[Exercise objective]: Where "import" occurs in a line of the entries below, copy that line.

[Material provided]:
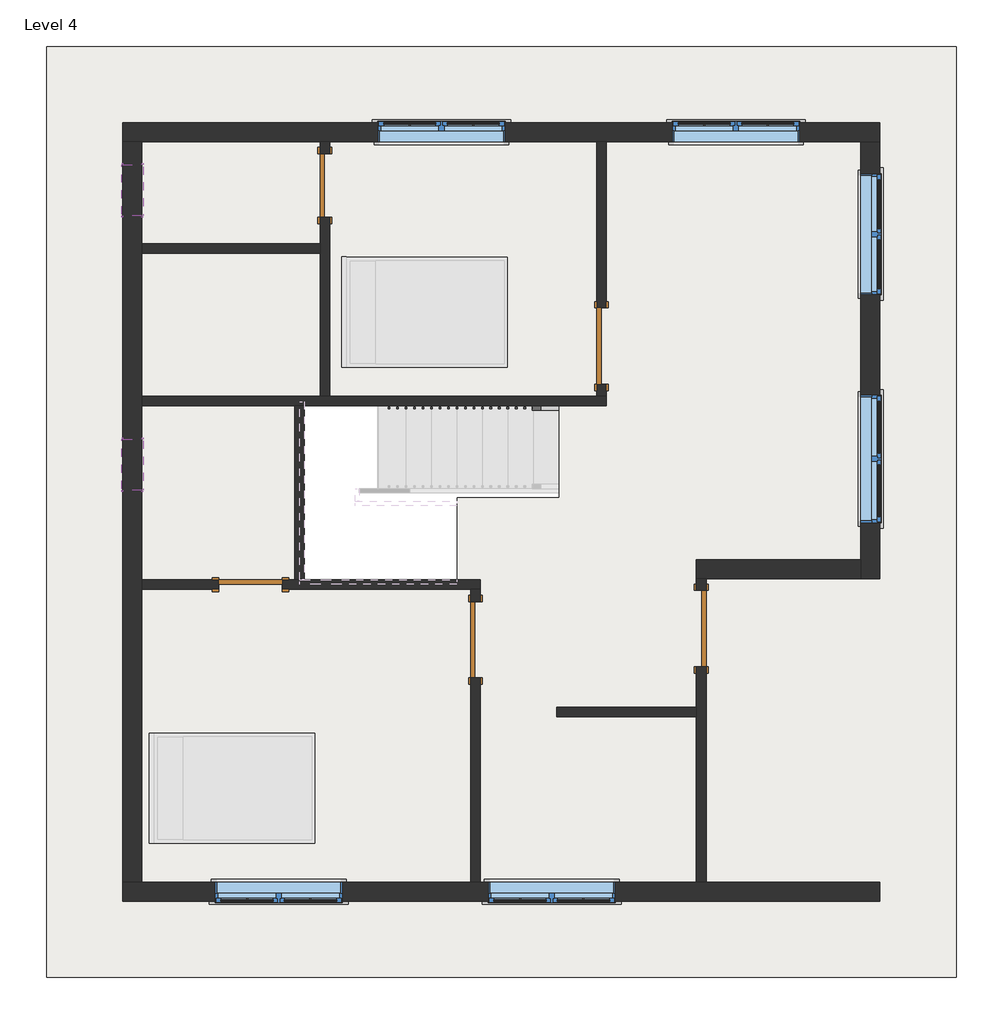
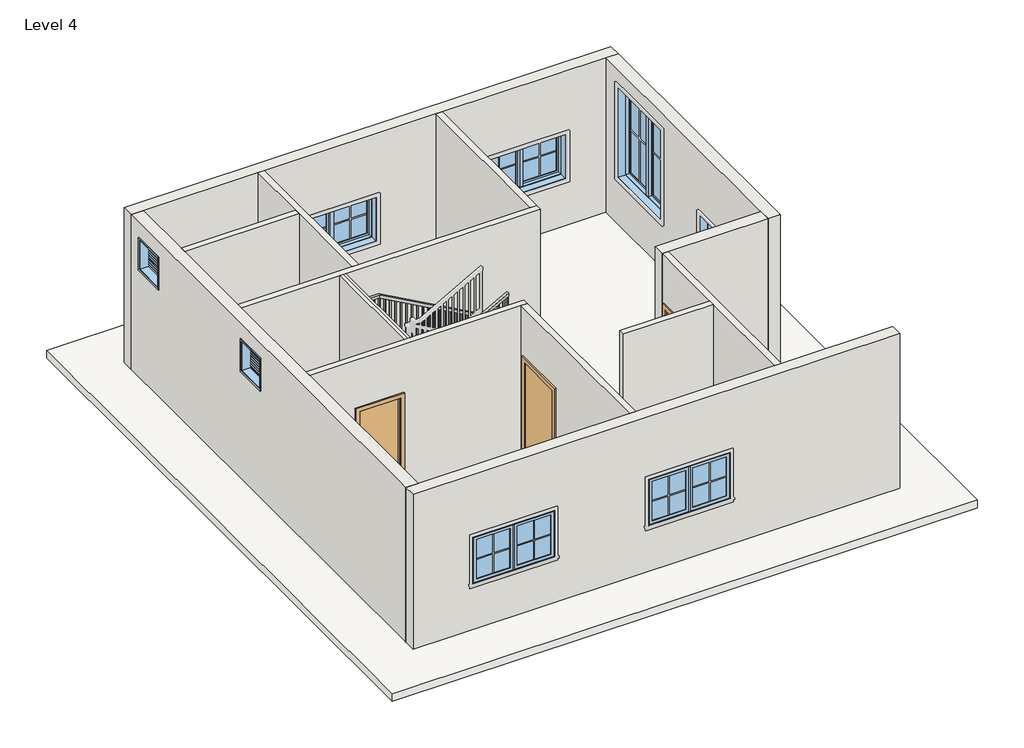
# One storey, part 1 of 2: 14 walls, 8 windows, 5 doors, 1 railing, 1 roof.
"""IFC4 building model written with IfcOpenShell, lengths in millimetres."""

from ifc_helpers import new_model, si_unit, frame, origin, place, context, project, spatial, polyline, outline, extrude, faceted_brep, transform, mapped, element, save
from components import single_flush_3_17d80c48, single_flush_3_5e62189b, door_d8f5dbb5, window_9ac97e1a, window_c1d95f0f, window_f2d8fef0

model = new_model("IFC4")

# Units and contexts
model_context = context("Model", 3, world=origin())
ifc_project = project(units=[si_unit("LENGTHUNIT", "METRE", prefix="MILLI")], contexts=[model_context])

# Site, building, storey
site = spatial("IfcSite", under=ifc_project)
building = spatial("IfcBuilding", under=site)
storey = spatial("IfcBuildingStorey", under=building, Name="Level 4", Elevation=9448.8)

# Doors
placement = place(None, origin())
single_flush_3_shape = single_flush_3_17d80c48(model_context)
element("IfcDoor", 1, ObjectType="Single-Flush : 3'", at=placement, inside=storey, context=model_context, shape_type="MappedRepresentation", body=[
    mapped(single_flush_3_shape, transform((-1566.5130704, -2143.0042021, 9448.8), x_axis=(0.0, 1.0, 0.0), y_axis=(-1.0, 0.0, 0.0), z_axis=(0.0, 0.0, 1.0))),
])
single_flush_3_2_shape = single_flush_3_5e62189b(model_context)
element("IfcDoor", 2, ObjectType="Single-Flush : 3'", at=placement, inside=storey, context=model_context, shape_type="MappedRepresentation", body=[
    mapped(single_flush_3_2_shape, transform((1138.5869296, -2009.6542021, 9448.8), x_axis=(0.0, 1.0, 0.0), y_axis=(-1.0, 0.0, 0.0), z_axis=(0.0, 0.0, 1.0))),
])
element("IfcDoor", 3, ObjectType="Single-Flush : 3'", at=placement, inside=storey, context=model_context, shape_type="MappedRepresentation", body=[
    mapped(single_flush_3_2_shape, transform((-55.2130704, 1374.8957979, 9448.8), x_axis=(0.0, -1.0, 0.0), y_axis=(1.0, 0.0, 0.0), z_axis=(0.0, 0.0, 1.0))),
])
door_shape = door_d8f5dbb5(model_context)
element("IfcDoor", 4, ObjectType="Single-Flush : DOOR 2'6\"", at=placement, inside=storey, context=model_context, shape_type="MappedRepresentation", body=[
    mapped(door_shape, transform((-3369.9130704, 3298.9457979, 9448.8), x_axis=(0.0, 1.0, 0.0), y_axis=(-1.0, 0.0, 0.0), z_axis=(0.0, 0.0, 1.0))),
])
element("IfcDoor", 5, ObjectType="Single-Flush : DOOR 2'6\"", at=placement, inside=storey, context=model_context, shape_type="MappedRepresentation", body=[
    mapped(door_shape, transform((-4258.9130704, -1482.6042021, 9448.8), x_axis=(1.0, 0.0, 0.0), y_axis=(0.0, 1.0, 0.0), z_axis=(0.0, 0.0, 1.0))),
])

# Railing
element("IfcRailing", 6, ObjectType="Handrail - Rectangular", at=placement, inside=storey, context=model_context, shape_type="SolidModel", body=[
    faceted_brep([(-569.5630704, 606.5457979, 10532.5333333), (-569.5630704, 606.5457979, 10474.420221), (-569.5630704, 657.3457979, 10474.420221), (-569.5630704, 657.3457979, 10532.5333333), (-3007.9630704, 606.5457979, 11887.2), (-3021.1266727, 606.5457979, 11836.4), (-3021.1266727, 657.3457979, 11836.4), (-3007.9630704, 657.3457979, 11887.2), (-3566.7630704, 606.5457979, 11887.2), (-3566.7630704, 606.5457979, 11836.4), (-3617.5630704, 657.3457979, 11836.4), (-3617.5630704, 657.3457979, 11887.2), (-3566.7630704, -1374.6542021, 11887.2), (-3566.7630704, -1374.6542021, 11836.4), (-3617.5630704, -1425.4542021, 11836.4), (-3617.5630704, -1425.4542021, 11887.2), (-3312.7630704, -1374.6542021, 11887.2), (-3299.5994682, -1374.6542021, 11836.4), (-3299.5994682, -1425.4542021, 11836.4), (-3312.7630704, -1425.4542021, 11887.2), (-1788.7630704, -1374.6542021, 12733.8666667), (-1788.7630704, -1425.4542021, 12733.8666667), (-1788.7630704, -1425.4542021, 12675.7535543), (-1788.7630704, -1374.6542021, 12675.7535543)], [[[0, 1, 2, 3]], [[1, 0, 4, 5]], [[2, 1, 5, 6]], [[3, 2, 6, 7]], [[0, 3, 7, 4]], [[5, 4, 8, 9]], [[6, 5, 9, 10]], [[7, 6, 10, 11]], [[4, 7, 11, 8]], [[9, 8, 12, 13]], [[10, 9, 13, 14]], [[11, 10, 14, 15]], [[8, 11, 15, 12]], [[13, 12, 16, 17]], [[14, 13, 17, 18]], [[15, 14, 18, 19]], [[12, 15, 19, 16]], [[20, 21, 22, 23]], [[17, 16, 20, 23]], [[18, 17, 23, 22]], [[19, 18, 22, 21]], [[16, 19, 21, 20]]]),
    extrude(outline(polyline([(12638.7118876, -1855.4380704), (12628.1285543, -1874.4880704), (11650.1333333, -1874.4880704), (11650.1333333, -1855.4380704), (12638.7118876, -1855.4380704)])), frame((0.0, -1409.5792021, 0.0), z_axis=(0.0, 1.0, 0.0), x_axis=(0.0, 0.0, 1.0)), (0.0, 0.0, 1.0), 19.05),
    extrude(outline(polyline([(12582.2674432, -1957.0380704), (12571.6841099, -1976.0880704), (11650.1333333, -1976.0880704), (11650.1333333, -1957.0380704), (12582.2674432, -1957.0380704)])), frame((0.0, -1409.5792021, 0.0), z_axis=(0.0, 1.0, 0.0), x_axis=(0.0, 0.0, 1.0)), (0.0, 0.0, 1.0), 19.05),
    extrude(outline(polyline([(12525.8229988, -2058.6380704), (12515.2396654, -2077.6880704), (11650.1333333, -2077.6880704), (11650.1333333, -2058.6380704), (12525.8229988, -2058.6380704)])), frame((0.0, -1409.5792021, 0.0), z_axis=(0.0, 1.0, 0.0), x_axis=(0.0, 0.0, 1.0)), (0.0, 0.0, 1.0), 19.05),
    extrude(outline(polyline([(12469.3785543, -2160.2380704), (12458.795221, -2179.2880704), (11480.8, -2179.2880704), (11480.8, -2160.2380704), (12469.3785543, -2160.2380704)])), frame((0.0, -1409.5792021, 0.0), z_axis=(0.0, 1.0, 0.0), x_axis=(0.0, 0.0, 1.0)), (0.0, 0.0, 1.0), 19.05),
    extrude(outline(polyline([(12412.9341099, -2261.8380704), (12402.3507765, -2280.8880704), (11480.8, -2280.8880704), (11480.8, -2261.8380704), (12412.9341099, -2261.8380704)])), frame((0.0, -1409.5792021, 0.0), z_axis=(0.0, 1.0, 0.0), x_axis=(0.0, 0.0, 1.0)), (0.0, 0.0, 1.0), 19.05),
    extrude(outline(polyline([(12356.4896654, -2363.4380704), (12345.9063321, -2382.4880704), (11480.8, -2382.4880704), (11480.8, -2363.4380704), (12356.4896654, -2363.4380704)])), frame((0.0, -1409.5792021, 0.0), z_axis=(0.0, 1.0, 0.0), x_axis=(0.0, 0.0, 1.0)), (0.0, 0.0, 1.0), 19.05),
    extrude(outline(polyline([(12300.045221, -2465.0380704), (12289.4618876, -2484.0880704), (11311.4666667, -2484.0880704), (11311.4666667, -2465.0380704), (12300.045221, -2465.0380704)])), frame((0.0, -1409.5792021, 0.0), z_axis=(0.0, 1.0, 0.0), x_axis=(0.0, 0.0, 1.0)), (0.0, 0.0, 1.0), 19.05),
    extrude(outline(polyline([(12243.6007765, -2566.6380704), (12233.0174432, -2585.6880704), (11311.4666667, -2585.6880704), (11311.4666667, -2566.6380704), (12243.6007765, -2566.6380704)])), frame((0.0, -1409.5792021, 0.0), z_axis=(0.0, 1.0, 0.0), x_axis=(0.0, 0.0, 1.0)), (0.0, 0.0, 1.0), 19.05),
    extrude(outline(polyline([(12187.1563321, -2668.2380704), (12176.5729988, -2687.2880704), (11311.4666667, -2687.2880704), (11311.4666667, -2668.2380704), (12187.1563321, -2668.2380704)])), frame((0.0, -1409.5792021, 0.0), z_axis=(0.0, 1.0, 0.0), x_axis=(0.0, 0.0, 1.0)), (0.0, 0.0, 1.0), 19.05),
    extrude(outline(polyline([(12130.7118876, -2769.8380704), (12120.1285543, -2788.8880704), (11142.1333333, -2788.8880704), (11142.1333333, -2769.8380704), (12130.7118876, -2769.8380704)])), frame((0.0, -1409.5792021, 0.0), z_axis=(0.0, 1.0, 0.0), x_axis=(0.0, 0.0, 1.0)), (0.0, 0.0, 1.0), 19.05),
    extrude(outline(polyline([(12074.2674432, -2871.4380704), (12063.6841099, -2890.4880704), (11142.1333333, -2890.4880704), (11142.1333333, -2871.4380704), (12074.2674432, -2871.4380704)])), frame((0.0, -1409.5792021, 0.0), z_axis=(0.0, 1.0, 0.0), x_axis=(0.0, 0.0, 1.0)), (0.0, 0.0, 1.0), 19.05),
    extrude(outline(polyline([(12017.8229988, -2973.0380704), (12007.2396654, -2992.0880704), (11142.1333333, -2992.0880704), (11142.1333333, -2973.0380704), (12017.8229988, -2973.0380704)])), frame((0.0, -1409.5792021, 0.0), z_axis=(0.0, 1.0, 0.0), x_axis=(0.0, 0.0, 1.0)), (0.0, 0.0, 1.0), 19.05),
    extrude(outline(polyline([(11961.3785543, -3074.6380704), (11950.795221, -3093.6880704), (10972.8, -3093.6880704), (10972.8, -3074.6380704), (11961.3785543, -3074.6380704)])), frame((0.0, -1409.5792021, 0.0), z_axis=(0.0, 1.0, 0.0), x_axis=(0.0, 0.0, 1.0)), (0.0, 0.0, 1.0), 19.05),
    extrude(outline(polyline([(11904.9341099, -3176.2380704), (11894.3507765, -3195.2880704), (10972.8, -3195.2880704), (10972.8, -3176.2380704), (11904.9341099, -3176.2380704)])), frame((0.0, -1409.5792021, 0.0), z_axis=(0.0, 1.0, 0.0), x_axis=(0.0, 0.0, 1.0)), (0.0, 0.0, 1.0), 19.05),
    extrude(outline(polyline([(11848.4896654, -3277.8380704), (11837.9063321, -3296.8880704), (10972.8, -3296.8880704), (10972.8, -3277.8380704), (11848.4896654, -3277.8380704)])), frame((0.0, -1409.5792021, 0.0), z_axis=(0.0, 1.0, 0.0), x_axis=(0.0, 0.0, 1.0)), (0.0, 0.0, 1.0), 19.05),
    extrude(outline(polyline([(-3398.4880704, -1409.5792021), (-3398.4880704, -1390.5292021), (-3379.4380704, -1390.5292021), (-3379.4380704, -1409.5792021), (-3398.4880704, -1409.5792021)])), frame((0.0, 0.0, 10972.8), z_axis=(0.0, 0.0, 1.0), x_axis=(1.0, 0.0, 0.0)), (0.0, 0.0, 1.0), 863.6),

[The completed task]:
from ifc_helpers import new_model, si_unit, frame, origin, place, context, project, spatial, polyline, outline, extrude, faceted_brep, transform, mapped, element, save
from components import single_flush_3_17d80c48, single_flush_3_5e62189b, door_d8f5dbb5, window_9ac97e1a, window_c1d95f0f, window_f2d8fef0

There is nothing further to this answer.